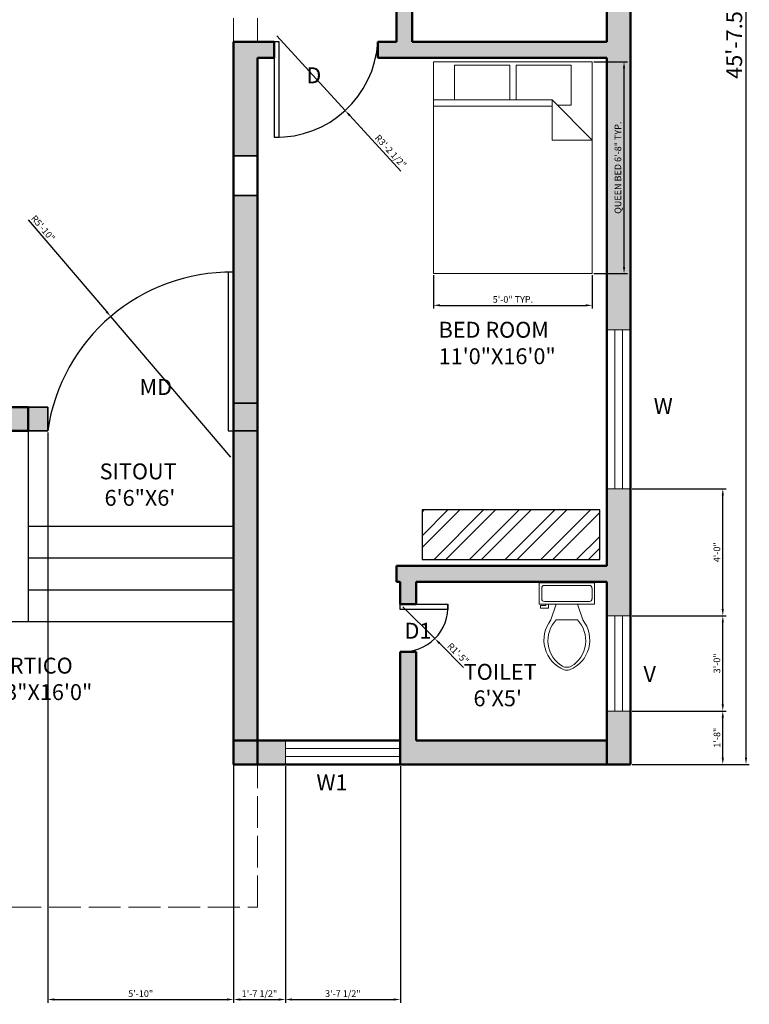
# Model space of a CAD drawing. Units: inches. Extents: x 5703 to 6226, y 10088 to 10813.
# Tile 2 of 5: x 5950 to 6226, y 10088 to 10460. Entities that reach past the tile are written whole.
import ezdxf

# ---------------------------------------------------------------- set-up
doc = ezdxf.new("R2010")
doc.units = ezdxf.units.IN
doc.linetypes.add('ACAD_ISO02W100', pattern=[15, 12, -3])
for name, color, linetype, lineweight in [('A-ANNO-DIMS', 2, 'Continuous', 18), ('A-ANNO-TEXT', 7, 'Continuous', 18), ('A-AREA-IDEN', 7, 'Continuous', 18), ('A-COLS', 7, 'Continuous', 35), ('A-COLS-PATT', 7, 'Continuous', 13), ('A-DOOR', 140, 'Continuous', 25), ('A-FLOR-CASE', 8, 'Continuous', 25), ('A-FLOR-CASE-PATT', 9, 'Continuous', 13), ('A-FLOR-FIXT', 8, 'Continuous', 18), ('A-FLOR-STRS', 7, 'Continuous', 25), ('A-FURN', 8, 'Continuous', 18), ('A-WALL', 7, 'Continuous', 50), ('A-WALL-PATT', 9, 'Continuous', 13)]:
    doc.layers.add(name, color=color, linetype=linetype, lineweight=lineweight)
for name, color, linetype, lineweight, true_color in [('A-GLAZ', 112, 'Continuous', 18, 0x1ce368), ('A-ROOF-OVHD', 30, 'ACAD_ISO02W100', 18, 0xf8991e), ('A-WALL-OVHD', 30, 'ACAD_ISO02W100', 18, 0xf8991e)]:
    doc.layers.add(name, color=color, linetype=linetype, lineweight=lineweight, true_color=true_color)
doc.styles.get("Standard").update_dxf_attribs({"font": 'arial.ttf'})
doc.dimstyles.new('ISO-25', dxfattribs={"dimtxt": 2.5, "dimasz": 2.5, "dimexe": 1.25, "dimexo": 0.625, "dimtad": 1, "dimlunit": 3, "dimtxsty": 'Standard', "dimcen": 2.5, "dimadec": 0, "dimazin": 0, "dimtfac": 1, "dimtmove": 0, "dimatfit": 3, "dimfxl": 1, "dimarcsym": 0})

# ---------------------------------------------------------------- blocks, each defined once
blk = doc.blocks.new('*D11')
at = {"layer": 'A-ANNO-DIMS', "color": 0, "lineweight": -2, "transparency": 16777216}
for p, q in [((6181.8, 10725.87), (6226.04, 10725.87)), ((6224.79, 10723.37), (6224.79, 10180.87)), ((6181.8, 10178.37), (6226.04, 10178.37))]:
    blk.add_line(p, q, dxfattribs=at)
at = {"layer": 'A-ANNO-DIMS', "color": 0, "transparency": 16777216}
for points in [[(6224.38, 10723.37), (6225.21, 10723.37), (6224.79, 10725.87)], [(6224.38, 10180.87), (6225.21, 10180.87), (6224.79, 10178.37)]]:
    blk.add_solid(points, dxfattribs=at)
at = {"layer": 'Defpoints', "color": 0, "transparency": 16777216}
for p in [(6181.18, 10725.87), (6181.18, 10178.37), (6224.79, 10178.37)]:
    blk.add_point(p, dxfattribs=at)
at = {"layer": 'A-ANNO-DIMS', "color": 0, "transparency": 16777216, "insert": (6221.12, 10452.12), "char_height": 6, "width": 12.5074, "attachment_point": 5, "rotation": 90}
blk.add_mtext('45\'-7.5"', dxfattribs=at)
blk = doc.blocks.new('Bed - Queen')
for p, q in [((0, -80.00003), (0, 0)), ((0, 0), (59.99999, 0)), ((59.99999, 0), (59.99999, -80.00003)), ((7.99999, -1.2), (28.79998, -1.2)), ((7.99999, -14.4), (7.99999, -1.2)), ((28.79998, -1.2), (28.79998, -14.4)), ((31.19999, -1.2), (51.99999, -1.2)), ((31.19999, -14.4), (31.19999, -1.2)), ((51.99999, -1.2), (51.99999, -16.4)), ((0, -14.4), (44.8, -14.4)), ((59.99999, -29.6), (44.8, -14.4)), ((44.8, -14.4), (44.8, -29.6)), ((44.8, -16.8), (0, -16.8)), ((51.99999, -16.4), (46.79936, -16.4)), ((44.8, -29.6), (59.99999, -29.6)), ((59.99999, -80.00003), (0, -80.00003))]:
    blk.add_line(p, q)
blk = doc.blocks.new('Toilet - top')
for p, q in [((9.5, -6), (9.5, -2)), ((-10, -8.5), (-8, -8.5)), ((-10, -9.5), (-10, -8.5)), ((-7, -9.5), (-10, -9.5)), ((-8, -8.5), (-8, -8)), ((-7, -8), (-7, -9.5)), ((-4, -8), (-6, -14)), ((4, -8), (6, -14)), ((4, -14), (-4, -14))]:
    blk.add_line(p, q)
blk.add_lwpolyline([(10.5, -8), (10.5, 0), (-10.5, 0), (-10.5, -8)], close=True)
for points in [[(-9.5, -2), (-9.5, -6)], [(8.5, -1), (-8.5, -1)], [(-8.5, -7), (8.5, -7)]]:
    blk.add_lwpolyline(points)
for centre, radius, start, end in [((-8.62, -1.88), 0.884, 81.8699, 188.1301), ((8.62, -1.88), 0.884, 351.8699, 98.1301), ((-8.62, -6.12), 0.884, 171.8699, 278.1301), ((8.62, -6.12), 0.884, 261.8699, 8.1301), ((3.52, -21.58), 12.17, 141.4691, 247.9714), ((4.2, -21.82), 11.33, 136.3677, 238.9468), ((-3.52, -21.58), 12.17, 292.0284, 38.5307), ((-4.2, -21.82), 11.33, 301.053, 43.6321), ((0, -27.88), 4, 245.7318, 294.2682), ((0, -29), 4, 254.8605, 285.1395)]:
    blk.add_arc(centre, radius, start, end)
blk = doc.blocks.new('WIN-60x9')
for p, q in [((9, 60), (0, 60)), ((0, 60), (0, 0)), ((3, 60), (3, 0)), ((6, 0), (6, 60)), ((9, 0), (9, 60)), ((0, 0), (9, 0))]:
    blk.add_line(p, q)
blk = doc.blocks.new('*D18')
at = {"layer": 'A-ANNO-DIMS', "color": 0, "lineweight": -2, "transparency": 16777216}
for p, q in [((6167.33, 10443.83), (6179.96, 10443.83)), ((6178.71, 10366.33), (6178.71, 10441.33)), ((6167.33, 10363.83), (6179.96, 10363.83))]:
    blk.add_line(p, q, dxfattribs=at)
at = {"layer": 'A-ANNO-DIMS', "color": 0, "transparency": 16777216}
for points in [[(6178.29, 10441.33), (6179.13, 10441.33), (6178.71, 10443.83)], [(6178.29, 10366.33), (6179.13, 10366.33), (6178.71, 10363.83)]]:
    blk.add_solid(points, dxfattribs=at)
at = {"layer": 'Defpoints', "color": 0, "transparency": 16777216}
for p in [(6166.71, 10443.83), (6178.71, 10443.83), (6166.71, 10363.83)]:
    blk.add_point(p, dxfattribs=at)
at = {"layer": 'A-ANNO-DIMS', "color": 0, "transparency": 16777216, "insert": (6176.71, 10403.83), "char_height": 2.5, "attachment_point": 5, "rotation": 90}
blk.add_mtext('QUEEN BED 6\'-8" TYP.', dxfattribs=at)
blk = doc.blocks.new('*D19')
at = {"layer": 'A-ANNO-DIMS', "color": 0, "lineweight": -2, "transparency": 16777216}
for p, q in [((6106.71, 10363.21), (6106.71, 10350.58)), ((6166.71, 10363.21), (6166.71, 10350.58)), ((6109.21, 10351.83), (6164.21, 10351.83))]:
    blk.add_line(p, q, dxfattribs=at)
at = {"layer": 'A-ANNO-DIMS', "color": 0, "transparency": 16777216}
for points in [[(6109.21, 10352.25), (6109.21, 10351.42), (6106.71, 10351.83)], [(6164.21, 10352.25), (6164.21, 10351.42), (6166.71, 10351.83)]]:
    blk.add_solid(points, dxfattribs=at)
at = {"layer": 'Defpoints', "color": 0, "transparency": 16777216}
for p in [(6106.71, 10363.83), (6166.71, 10363.83), (6166.71, 10351.83)]:
    blk.add_point(p, dxfattribs=at)
at = {"layer": 'A-ANNO-DIMS', "color": 0, "transparency": 16777216, "insert": (6136.71, 10353.73), "char_height": 2.5, "attachment_point": 5}
blk.add_mtext('5\'-0" TYP.', dxfattribs=at)
blk = doc.blocks.new('*D42')
at = {"layer": 'A-ANNO-DIMS', "color": 0, "lineweight": -2, "transparency": 16777216}
for p, q in [((5960.95, 10303.74), (5960.95, 10088.29)), ((6031.18, 10303.74), (6031.18, 10088.29)), ((5963.45, 10089.54), (6028.68, 10089.54))]:
    blk.add_line(p, q, dxfattribs=at)
at = {"layer": 'A-ANNO-DIMS', "color": 0, "transparency": 16777216}
for points in [[(5963.45, 10089.96), (5963.45, 10089.12), (5960.95, 10089.54)], [(6028.68, 10089.96), (6028.68, 10089.12), (6031.18, 10089.54)]]:
    blk.add_solid(points, dxfattribs=at)
at = {"layer": 'Defpoints', "color": 0, "transparency": 16777216}
for p in [(5960.95, 10304.37), (6031.18, 10304.37), (6031.18, 10089.54)]:
    blk.add_point(p, dxfattribs=at)
at = {"layer": 'A-ANNO-DIMS', "color": 0, "transparency": 16777216, "insert": (5996.07, 10091.44), "char_height": 2.5, "attachment_point": 5}
blk.add_mtext('5\'-10"', dxfattribs=at)
blk = doc.blocks.new('*D51')
at = {"layer": 'A-ANNO-DIMS', "color": 0, "lineweight": -2, "transparency": 16777216}
for p, q in [((6181.8, 10198.55), (6217.28, 10198.55)), ((6216.03, 10180.87), (6216.03, 10196.05)), ((6181.8, 10178.37), (6217.28, 10178.37))]:
    blk.add_line(p, q, dxfattribs=at)
at = {"layer": 'A-ANNO-DIMS', "color": 0, "transparency": 16777216}
for points in [[(6215.61, 10196.05), (6216.44, 10196.05), (6216.03, 10198.55)], [(6215.61, 10180.87), (6216.44, 10180.87), (6216.03, 10178.37)]]:
    blk.add_solid(points, dxfattribs=at)
at = {"layer": 'Defpoints', "color": 0, "transparency": 16777216}
for p in [(6181.18, 10198.55), (6216.03, 10198.55), (6181.18, 10178.37)]:
    blk.add_point(p, dxfattribs=at)
at = {"layer": 'A-ANNO-DIMS', "color": 0, "transparency": 16777216, "insert": (6214.12, 10188.46), "char_height": 2.5, "attachment_point": 5, "rotation": 90}
blk.add_mtext('1\'-8"', dxfattribs=at)
blk = doc.blocks.new('*D52')
at = {"layer": 'A-ANNO-DIMS', "color": 0, "lineweight": -2, "transparency": 16777216}
for p, q in [((6181.8, 10234.55), (6217.28, 10234.55)), ((6216.03, 10201.05), (6216.03, 10232.05)), ((6181.8, 10198.55), (6217.28, 10198.55))]:
    blk.add_line(p, q, dxfattribs=at)
at = {"layer": 'A-ANNO-DIMS', "color": 0, "transparency": 16777216}
for points in [[(6215.61, 10232.05), (6216.44, 10232.05), (6216.03, 10234.55)], [(6215.61, 10201.05), (6216.44, 10201.05), (6216.03, 10198.55)]]:
    blk.add_solid(points, dxfattribs=at)
at = {"layer": 'Defpoints', "color": 0, "transparency": 16777216}
for p in [(6181.18, 10234.55), (6216.03, 10234.55), (6181.18, 10198.55)]:
    blk.add_point(p, dxfattribs=at)
at = {"layer": 'A-ANNO-DIMS', "color": 0, "transparency": 16777216, "insert": (6214.12, 10216.55), "char_height": 2.5, "attachment_point": 5, "rotation": 90}
blk.add_mtext('3\'-0"', dxfattribs=at)
blk = doc.blocks.new('*D53')
at = {"layer": 'A-ANNO-DIMS', "color": 0, "lineweight": -2, "transparency": 16777216}
for p, q in [((6181.8, 10282.53), (6217.28, 10282.53)), ((6216.03, 10237.05), (6216.03, 10280.03)), ((6181.8, 10234.55), (6217.28, 10234.55))]:
    blk.add_line(p, q, dxfattribs=at)
at = {"layer": 'A-ANNO-DIMS', "color": 0, "transparency": 16777216}
for points in [[(6215.61, 10280.03), (6216.44, 10280.03), (6216.03, 10282.53)], [(6215.61, 10237.05), (6216.44, 10237.05), (6216.03, 10234.55)]]:
    blk.add_solid(points, dxfattribs=at)
at = {"layer": 'Defpoints', "color": 0, "transparency": 16777216}
for p in [(6181.18, 10282.53), (6216.03, 10282.53), (6181.18, 10234.55)]:
    blk.add_point(p, dxfattribs=at)
at = {"layer": 'A-ANNO-DIMS', "color": 0, "transparency": 16777216, "insert": (6214.12, 10258.54), "char_height": 2.5, "attachment_point": 5, "rotation": 90}
blk.add_mtext('4\'-0"', dxfattribs=at)
blk = doc.blocks.new('*D55')
at = {"layer": 'A-ANNO-DIMS', "color": 0, "lineweight": -2, "transparency": 16777216}
for p, q in [((6031.18, 10177.74), (6031.18, 10088.29)), ((6050.75, 10177.74), (6050.75, 10088.29)), ((6033.68, 10089.54), (6048.25, 10089.54))]:
    blk.add_line(p, q, dxfattribs=at)
at = {"layer": 'A-ANNO-DIMS', "color": 0, "transparency": 16777216}
for points in [[(6033.68, 10089.96), (6033.68, 10089.12), (6031.18, 10089.54)], [(6048.25, 10089.96), (6048.25, 10089.12), (6050.75, 10089.54)]]:
    blk.add_solid(points, dxfattribs=at)
at = {"layer": 'Defpoints', "color": 0, "transparency": 16777216}
for p in [(6031.18, 10178.37), (6050.75, 10178.37), (6050.75, 10089.54)]:
    blk.add_point(p, dxfattribs=at)
at = {"layer": 'A-ANNO-DIMS', "color": 0, "transparency": 16777216, "insert": (6040.96, 10091.46), "char_height": 2.5, "attachment_point": 5}
blk.add_mtext('1\'-7 1/2"', dxfattribs=at)
blk = doc.blocks.new('*D56')
at = {"layer": 'A-ANNO-DIMS', "color": 0, "lineweight": -2, "transparency": 16777216}
for p, q in [((6050.75, 10177.74), (6050.75, 10088.29)), ((6094.18, 10177.74), (6094.18, 10088.29)), ((6053.25, 10089.54), (6091.68, 10089.54))]:
    blk.add_line(p, q, dxfattribs=at)
at = {"layer": 'A-ANNO-DIMS', "color": 0, "transparency": 16777216}
for points in [[(6053.25, 10089.96), (6053.25, 10089.12), (6050.75, 10089.54)], [(6091.68, 10089.96), (6091.68, 10089.12), (6094.18, 10089.54)]]:
    blk.add_solid(points, dxfattribs=at)
at = {"layer": 'Defpoints', "color": 0, "transparency": 16777216}
for p in [(6050.75, 10178.37), (6094.18, 10178.37), (6094.18, 10089.54)]:
    blk.add_point(p, dxfattribs=at)
at = {"layer": 'A-ANNO-DIMS', "color": 0, "transparency": 16777216, "insert": (6072.46, 10091.46), "char_height": 2.5, "attachment_point": 5}
blk.add_mtext('3\'-7 1/2"', dxfattribs=at)
blk = doc.blocks.new('*D60')
at = {"layer": 'A-ANNO-DIMS', "color": 0, "lineweight": -2, "transparency": 16777216}
for p, q in [((6047.46, 10453.63), (6073.34, 10425.44)), ((6094.33, 10402.58), (6075.04, 10423.6))]:
    blk.add_line(p, q, dxfattribs=at)
at = {"layer": 'A-ANNO-DIMS', "color": 0, "transparency": 16777216}
blk.add_solid([(6075.34, 10423.88), (6074.73, 10423.31), (6073.34, 10425.44)], dxfattribs=at)
at = {"layer": 'Defpoints', "color": 0, "transparency": 16777216}
for p in [(6047.46, 10453.63), (6073.34, 10425.44)]:
    blk.add_point(p, dxfattribs=at)
at = {"layer": 'A-ANNO-DIMS', "color": 0, "transparency": 16777216, "insert": (6090.29, 10409.82), "char_height": 2.5, "attachment_point": 5, "rotation": 312.5558}
blk.add_mtext('R3\'-2 1/2"', dxfattribs=at)
blk = doc.blocks.new('*D61')
at = {"layer": 'A-ANNO-DIMS', "color": 0, "lineweight": -2, "transparency": 16777216}
for p, q in [((6095.18, 10237.95), (6107.22, 10225.91)), ((6118.08, 10215.05), (6108.99, 10224.15))]:
    blk.add_line(p, q, dxfattribs=at)
at = {"layer": 'A-ANNO-DIMS', "color": 0, "transparency": 16777216}
blk.add_solid([(6109.28, 10224.44), (6108.69, 10223.85), (6107.22, 10225.91)], dxfattribs=at)
at = {"layer": 'Defpoints', "color": 0, "transparency": 16777216}
for p in [(6095.18, 10237.95), (6107.22, 10225.91)]:
    blk.add_point(p, dxfattribs=at)
at = {"layer": 'A-ANNO-DIMS', "color": 0, "transparency": 16777216, "insert": (6115.79, 10220.03), "char_height": 2.5, "attachment_point": 5, "rotation": 315.0011}
blk.add_mtext('R1\'-5"', dxfattribs=at)
blk = doc.blocks.new('*D62')
at = {"layer": 'A-ANNO-DIMS', "color": 0, "lineweight": -2, "transparency": 16777216}
for p, q in [((5953.52, 10384.16), (5983.13, 10349.51)), ((6030.18, 10294.45), (5984.75, 10347.61))]:
    blk.add_line(p, q, dxfattribs=at)
at = {"layer": 'A-ANNO-DIMS', "color": 0, "transparency": 16777216}
blk.add_solid([(5983.44, 10349.78), (5982.81, 10349.24), (5984.75, 10347.61)], dxfattribs=at)
at = {"layer": 'Defpoints', "color": 0, "transparency": 16777216}
for p in [(5984.75, 10347.61), (6030.18, 10294.45)]:
    blk.add_point(p, dxfattribs=at)
at = {"layer": 'A-ANNO-DIMS', "color": 0, "transparency": 16777216, "insert": (5958.94, 10380.75), "char_height": 2.5, "attachment_point": 5, "rotation": 310.5118}
blk.add_mtext('R5\'-10"', dxfattribs=at)

msp = doc.modelspace()

# ---------------------------------------------------------------- hatches: boundary and pattern name
at = {"layer": 'A-COLS-PATT'}
h = msp.add_hatch(color=256, dxfattribs=at)
h.dxf.hatch_style = 1
h.paths.add_polyline_path([(5788.176, 10725.869), (5773.176, 10725.869), (5773.176, 10716.869), (5788.176, 10716.869)])
h.paths.add_polyline_path([(5782.176, 10516.684), (5773.176, 10516.684), (5773.176, 10497.849), (5782.176, 10497.849)])
h.paths.add_polyline_path([(5782.176, 10319.369), (5773.176, 10319.369), (5773.176, 10304.369), (5782.176, 10304.369)])
h.paths.add_polyline_path([(5960.955, 10313.369), (5953.525, 10313.369), (5953.525, 10304.369), (5960.955, 10304.369)])
h.paths.add_polyline_path([(6040.176, 10314.869), (6031.176, 10314.869), (6031.176, 10304.369), (6040.176, 10304.369)])
h.paths.add_polyline_path([(6181.176, 10198.545), (6172.176, 10198.545), (6172.176, 10178.369), (6181.176, 10178.369)])
h.paths.add_polyline_path([(6181.176, 10505.369), (6172.176, 10505.369), (6172.176, 10492.633), (6181.176, 10492.633)])
h.paths.add_polyline_path([(6181.176, 10725.869), (6166.176, 10725.869), (6166.176, 10716.869), (6181.176, 10716.869)])
at = {"layer": 'A-FLOR-CASE-PATT'}
h = msp.add_hatch(dxfattribs=at)
h.set_pattern_fill('ANSI32', color=256)
h.paths.add_polyline_path([(6169.528, 10274.524), (6102.412, 10274.524), (6102.412, 10255.78), (6169.528, 10255.78)])
at = {"layer": 'A-WALL-PATT'}
h = msp.add_hatch(color=256, dxfattribs=at)
h.dxf.hatch_style = 1
h.paths.add_polyline_path([(6057.982, 10725.869), (6040.176, 10725.869), (6040.176, 10749.869), (5999.271, 10749.869), (5999.271, 10740.869), (6031.176, 10740.869), (6031.176, 10716.869), (6031.176, 10511.369), (6013.525, 10511.369), (6013.525, 10505.369), (6048.161, 10505.369), (6048.161, 10511.369), (6040.176, 10511.369), (6040.176, 10716.869), (6057.982, 10716.869)])
h.paths.add_polyline_path([(6166.176, 10725.869), (6093.982, 10725.869), (6093.982, 10716.869), (6166.176, 10716.869)])
h.paths.add_polyline_path([(6181.176, 10716.869), (6172.176, 10716.869), (6172.176, 10511.369), (6132.161, 10511.369, -0.0172363), (6132.161, 10509.369), (6132.161, 10505.369), (6181.176, 10505.369)])
h.paths.add_polyline_path([(6181.176, 10468.633), (6172.176, 10468.633), (6172.176, 10451.369), (6098.676, 10451.369), (6098.676, 10505.369), (6102.161, 10505.369), (6102.161, 10511.369), (6090.161, 10511.369), (6090.161, 10507.369, -0.0121933), (6090.161, 10505.369), (6092.676, 10505.369), (6092.676, 10451.369), (6085.668, 10451.369), (6085.668, 10445.369), (6092.676, 10445.369), (6172.176, 10445.369), (6172.176, 10342.529), (6181.176, 10342.529)])
h.paths.add_polyline_path([(6181.176, 10282.529), (6172.176, 10282.529), (6172.176, 10253.369), (6092.676, 10253.369), (6092.676, 10247.369), (6094.176, 10247.369), (6094.176, 10238.954), (6100.176, 10238.954), (6100.176, 10247.369), (6172.176, 10247.369), (6172.176, 10234.545), (6181.176, 10234.545)])
h.paths.add_polyline_path([(6172.176, 10187.369), (6100.176, 10187.369), (6100.176, 10220.954), (6096.176, 10220.954, -0.0293864), (6094.176, 10220.954), (6094.176, 10178.369), (6172.176, 10178.369)])
h.paths.add_polyline_path([(6050.745, 10187.369), (6040.176, 10187.369), (6040.176, 10178.369), (6050.745, 10178.369)])
h.paths.add_polyline_path([(6040.176, 10187.369), (6031.176, 10187.369), (6031.176, 10178.369), (6040.176, 10178.369)])
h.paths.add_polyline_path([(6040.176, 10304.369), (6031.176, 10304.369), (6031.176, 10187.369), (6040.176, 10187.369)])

Task directions: Nothing but the lines from the beginning of the material above through the line containing "doc.linetypes.add('ACAD_ISO02W100', pattern=[15, 12, -3])" should appear in the answer, copied exactly and free of pictures.

Finished exercise:
# Model space of a CAD drawing. Units: inches. Extents: x 5703 to 6226, y 10088 to 10813.
# Tile 2 of 5: x 5950 to 6226, y 10088 to 10460. Entities that reach past the tile are written whole.
import ezdxf

# ---------------------------------------------------------------- set-up
doc = ezdxf.new("R2010")
doc.units = ezdxf.units.IN
doc.linetypes.add('ACAD_ISO02W100', pattern=[15, 12, -3])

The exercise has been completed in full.